- **Requirement**:
Transcribe each record exactly, but omit pictures.

- **Given information**:
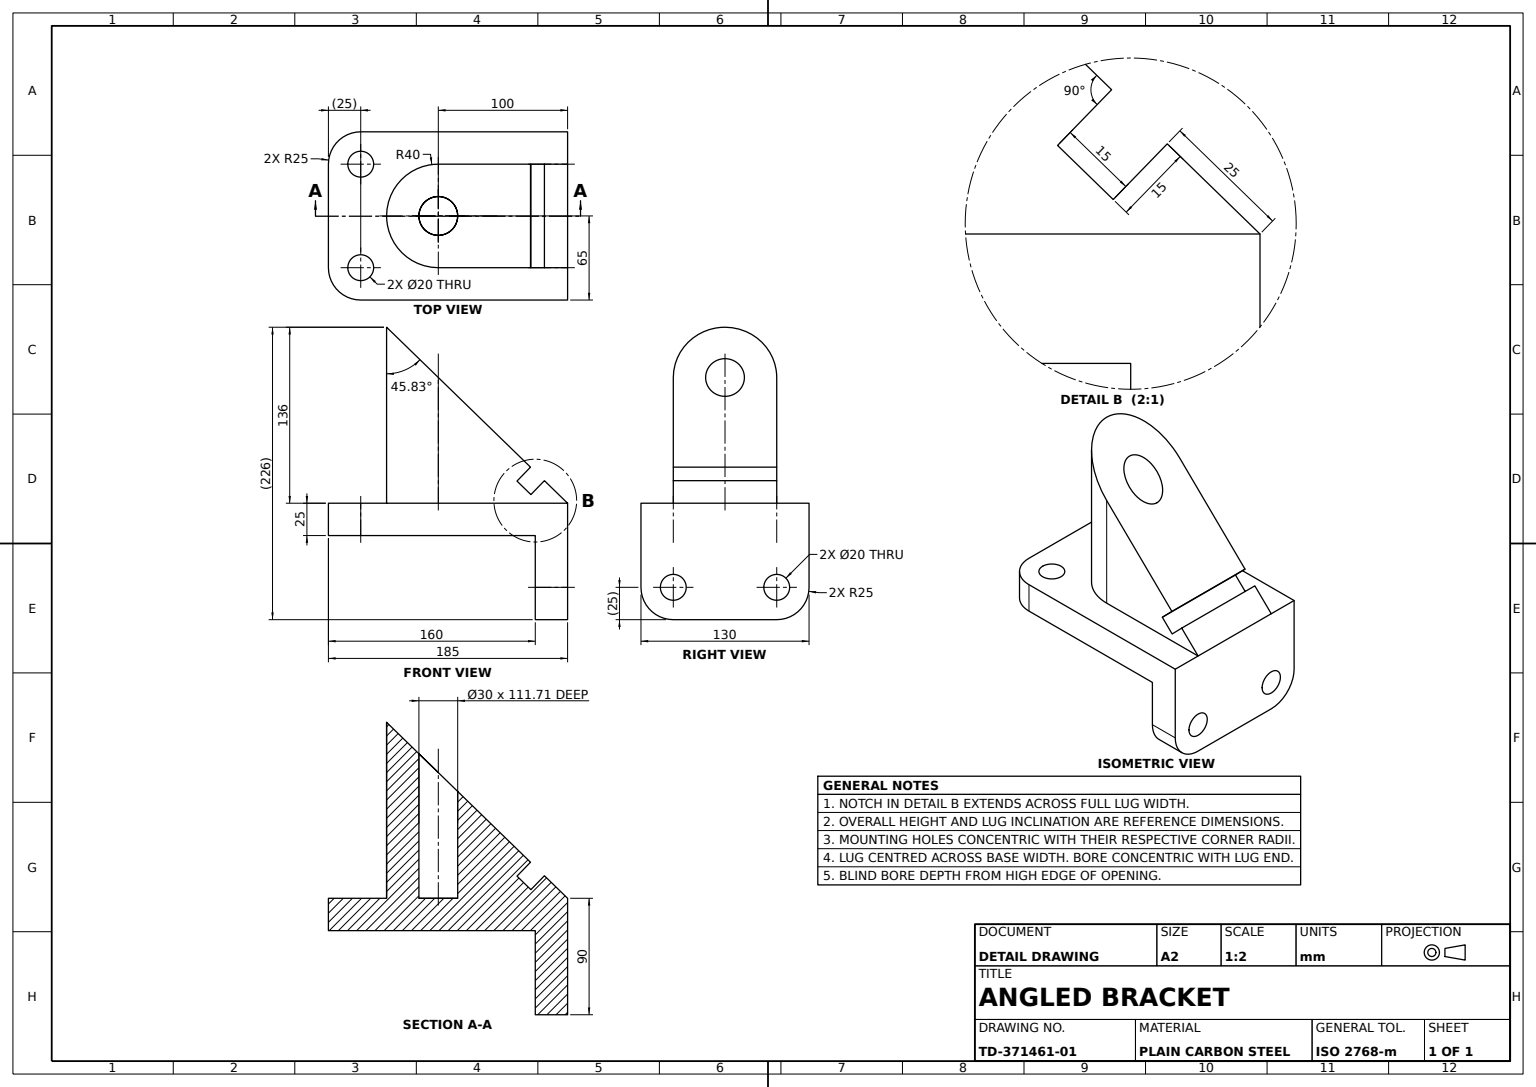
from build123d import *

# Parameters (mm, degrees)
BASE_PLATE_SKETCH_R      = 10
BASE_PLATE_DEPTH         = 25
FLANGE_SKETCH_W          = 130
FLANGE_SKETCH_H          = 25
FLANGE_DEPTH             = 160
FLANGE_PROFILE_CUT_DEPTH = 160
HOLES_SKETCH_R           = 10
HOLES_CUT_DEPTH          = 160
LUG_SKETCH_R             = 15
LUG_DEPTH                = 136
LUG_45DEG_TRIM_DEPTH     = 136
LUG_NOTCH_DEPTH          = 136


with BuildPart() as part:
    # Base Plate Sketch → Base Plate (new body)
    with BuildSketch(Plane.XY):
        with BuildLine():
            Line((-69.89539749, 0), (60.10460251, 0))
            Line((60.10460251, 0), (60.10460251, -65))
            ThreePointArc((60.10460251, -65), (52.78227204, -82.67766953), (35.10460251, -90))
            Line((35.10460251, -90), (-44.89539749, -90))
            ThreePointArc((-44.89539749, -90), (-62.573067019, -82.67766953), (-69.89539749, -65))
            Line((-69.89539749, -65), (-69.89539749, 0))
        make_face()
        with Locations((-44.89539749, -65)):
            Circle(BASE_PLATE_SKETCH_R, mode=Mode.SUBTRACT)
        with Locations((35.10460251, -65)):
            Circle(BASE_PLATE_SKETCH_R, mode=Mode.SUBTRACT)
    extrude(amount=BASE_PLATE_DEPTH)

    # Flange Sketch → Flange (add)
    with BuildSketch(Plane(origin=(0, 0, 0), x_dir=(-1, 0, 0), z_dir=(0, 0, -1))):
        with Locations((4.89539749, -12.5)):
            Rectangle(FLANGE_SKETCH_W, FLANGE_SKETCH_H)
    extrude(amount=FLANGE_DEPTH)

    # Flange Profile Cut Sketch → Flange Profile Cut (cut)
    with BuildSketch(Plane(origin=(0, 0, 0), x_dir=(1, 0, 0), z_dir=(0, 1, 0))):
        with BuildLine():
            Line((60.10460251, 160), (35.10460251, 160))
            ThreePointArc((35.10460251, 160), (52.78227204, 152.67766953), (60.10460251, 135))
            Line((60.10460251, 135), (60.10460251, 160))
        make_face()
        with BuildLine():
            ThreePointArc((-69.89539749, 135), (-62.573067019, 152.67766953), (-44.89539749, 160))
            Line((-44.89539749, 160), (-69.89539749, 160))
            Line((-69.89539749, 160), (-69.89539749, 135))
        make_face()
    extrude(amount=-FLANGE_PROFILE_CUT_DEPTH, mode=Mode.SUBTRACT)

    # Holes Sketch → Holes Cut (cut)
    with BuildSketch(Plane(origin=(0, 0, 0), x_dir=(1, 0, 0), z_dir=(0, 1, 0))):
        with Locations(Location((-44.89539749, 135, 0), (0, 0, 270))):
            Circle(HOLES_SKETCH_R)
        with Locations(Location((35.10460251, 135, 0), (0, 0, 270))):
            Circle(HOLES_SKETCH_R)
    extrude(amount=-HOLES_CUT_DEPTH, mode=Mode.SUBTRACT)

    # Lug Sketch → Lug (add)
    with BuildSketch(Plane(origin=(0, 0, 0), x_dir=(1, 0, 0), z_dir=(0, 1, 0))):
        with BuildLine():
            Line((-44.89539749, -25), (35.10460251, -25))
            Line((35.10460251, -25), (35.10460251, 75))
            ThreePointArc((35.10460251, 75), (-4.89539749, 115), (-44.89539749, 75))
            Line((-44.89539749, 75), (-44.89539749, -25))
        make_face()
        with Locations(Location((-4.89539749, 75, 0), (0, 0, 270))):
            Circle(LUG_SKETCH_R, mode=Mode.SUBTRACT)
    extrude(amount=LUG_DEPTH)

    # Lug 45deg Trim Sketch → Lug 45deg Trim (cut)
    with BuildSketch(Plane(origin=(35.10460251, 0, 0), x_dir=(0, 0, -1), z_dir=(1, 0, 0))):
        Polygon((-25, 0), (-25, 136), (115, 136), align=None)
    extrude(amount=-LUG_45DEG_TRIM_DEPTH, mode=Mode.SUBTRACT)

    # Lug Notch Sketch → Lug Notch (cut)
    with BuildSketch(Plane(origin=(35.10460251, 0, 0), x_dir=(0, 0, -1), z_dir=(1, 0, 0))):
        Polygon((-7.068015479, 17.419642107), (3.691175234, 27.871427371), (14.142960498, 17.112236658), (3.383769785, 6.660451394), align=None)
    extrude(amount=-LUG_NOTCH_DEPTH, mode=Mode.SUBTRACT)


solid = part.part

- **Result**:
from build123d import *

# Parameters (mm, degrees)
BASE_PLATE_SKETCH_R      = 10
BASE_PLATE_DEPTH         = 25
FLANGE_SKETCH_W          = 130
FLANGE_SKETCH_H          = 25
FLANGE_DEPTH             = 160
FLANGE_PROFILE_CUT_DEPTH = 160
HOLES_SKETCH_R           = 10
HOLES_CUT_DEPTH          = 160
LUG_SKETCH_R             = 15
LUG_DEPTH                = 136
LUG_45DEG_TRIM_DEPTH     = 136
LUG_NOTCH_DEPTH          = 136


with BuildPart() as part:
    # Base Plate Sketch → Base Plate (new body)
    with BuildSketch(Plane.XY):
        with BuildLine():
            Line((-69.89539749, 0), (60.10460251, 0))
            Line((60.10460251, 0), (60.10460251, -65))
            ThreePointArc((60.10460251, -65), (52.78227204, -82.67766953), (35.10460251, -90))
            Line((35.10460251, -90), (-44.89539749, -90))
            ThreePointArc((-44.89539749, -90), (-62.573067019, -82.67766953), (-69.89539749, -65))
            Line((-69.89539749, -65), (-69.89539749, 0))
        make_face()
        with Locations((-44.89539749, -65)):
            Circle(BASE_PLATE_SKETCH_R, mode=Mode.SUBTRACT)
        with Locations((35.10460251, -65)):
            Circle(BASE_PLATE_SKETCH_R, mode=Mode.SUBTRACT)
    extrude(amount=BASE_PLATE_DEPTH)

    # Flange Sketch → Flange (add)
    with BuildSketch(Plane(origin=(0, 0, 0), x_dir=(-1, 0, 0), z_dir=(0, 0, -1))):
        with Locations((4.89539749, -12.5)):
            Rectangle(FLANGE_SKETCH_W, FLANGE_SKETCH_H)
    extrude(amount=FLANGE_DEPTH)

    # Flange Profile Cut Sketch → Flange Profile Cut (cut)
    with BuildSketch(Plane(origin=(0, 0, 0), x_dir=(1, 0, 0), z_dir=(0, 1, 0))):
        with BuildLine():
            Line((60.10460251, 160), (35.10460251, 160))
            ThreePointArc((35.10460251, 160), (52.78227204, 152.67766953), (60.10460251, 135))
            Line((60.10460251, 135), (60.10460251, 160))
        make_face()
        with BuildLine():
            ThreePointArc((-69.89539749, 135), (-62.573067019, 152.67766953), (-44.89539749, 160))
            Line((-44.89539749, 160), (-69.89539749, 160))
            Line((-69.89539749, 160), (-69.89539749, 135))
        make_face()
    extrude(amount=-FLANGE_PROFILE_CUT_DEPTH, mode=Mode.SUBTRACT)

    # Holes Sketch → Holes Cut (cut)
    with BuildSketch(Plane(origin=(0, 0, 0), x_dir=(1, 0, 0), z_dir=(0, 1, 0))):
        with Locations(Location((-44.89539749, 135, 0), (0, 0, 270))):
            Circle(HOLES_SKETCH_R)
        with Locations(Location((35.10460251, 135, 0), (0, 0, 270))):
            Circle(HOLES_SKETCH_R)
    extrude(amount=-HOLES_CUT_DEPTH, mode=Mode.SUBTRACT)

    # Lug Sketch → Lug (add)
    with BuildSketch(Plane(origin=(0, 0, 0), x_dir=(1, 0, 0), z_dir=(0, 1, 0))):
        with BuildLine():
            Line((-44.89539749, -25), (35.10460251, -25))
            Line((35.10460251, -25), (35.10460251, 75))
            ThreePointArc((35.10460251, 75), (-4.89539749, 115), (-44.89539749, 75))
            Line((-44.89539749, 75), (-44.89539749, -25))
        make_face()
        with Locations(Location((-4.89539749, 75, 0), (0, 0, 270))):
            Circle(LUG_SKETCH_R, mode=Mode.SUBTRACT)
    extrude(amount=LUG_DEPTH)

    # Lug 45deg Trim Sketch → Lug 45deg Trim (cut)
    with BuildSketch(Plane(origin=(35.10460251, 0, 0), x_dir=(0, 0, -1), z_dir=(1, 0, 0))):
        Polygon((-25, 0), (-25, 136), (115, 136), align=None)
    extrude(amount=-LUG_45DEG_TRIM_DEPTH, mode=Mode.SUBTRACT)

    # Lug Notch Sketch → Lug Notch (cut)
    with BuildSketch(Plane(origin=(35.10460251, 0, 0), x_dir=(0, 0, -1), z_dir=(1, 0, 0))):
        Polygon((-7.068015479, 17.419642107), (3.691175234, 27.871427371), (14.142960498, 17.112236658), (3.383769785, 6.660451394), align=None)
    extrude(amount=-LUG_NOTCH_DEPTH, mode=Mode.SUBTRACT)


solid = part.part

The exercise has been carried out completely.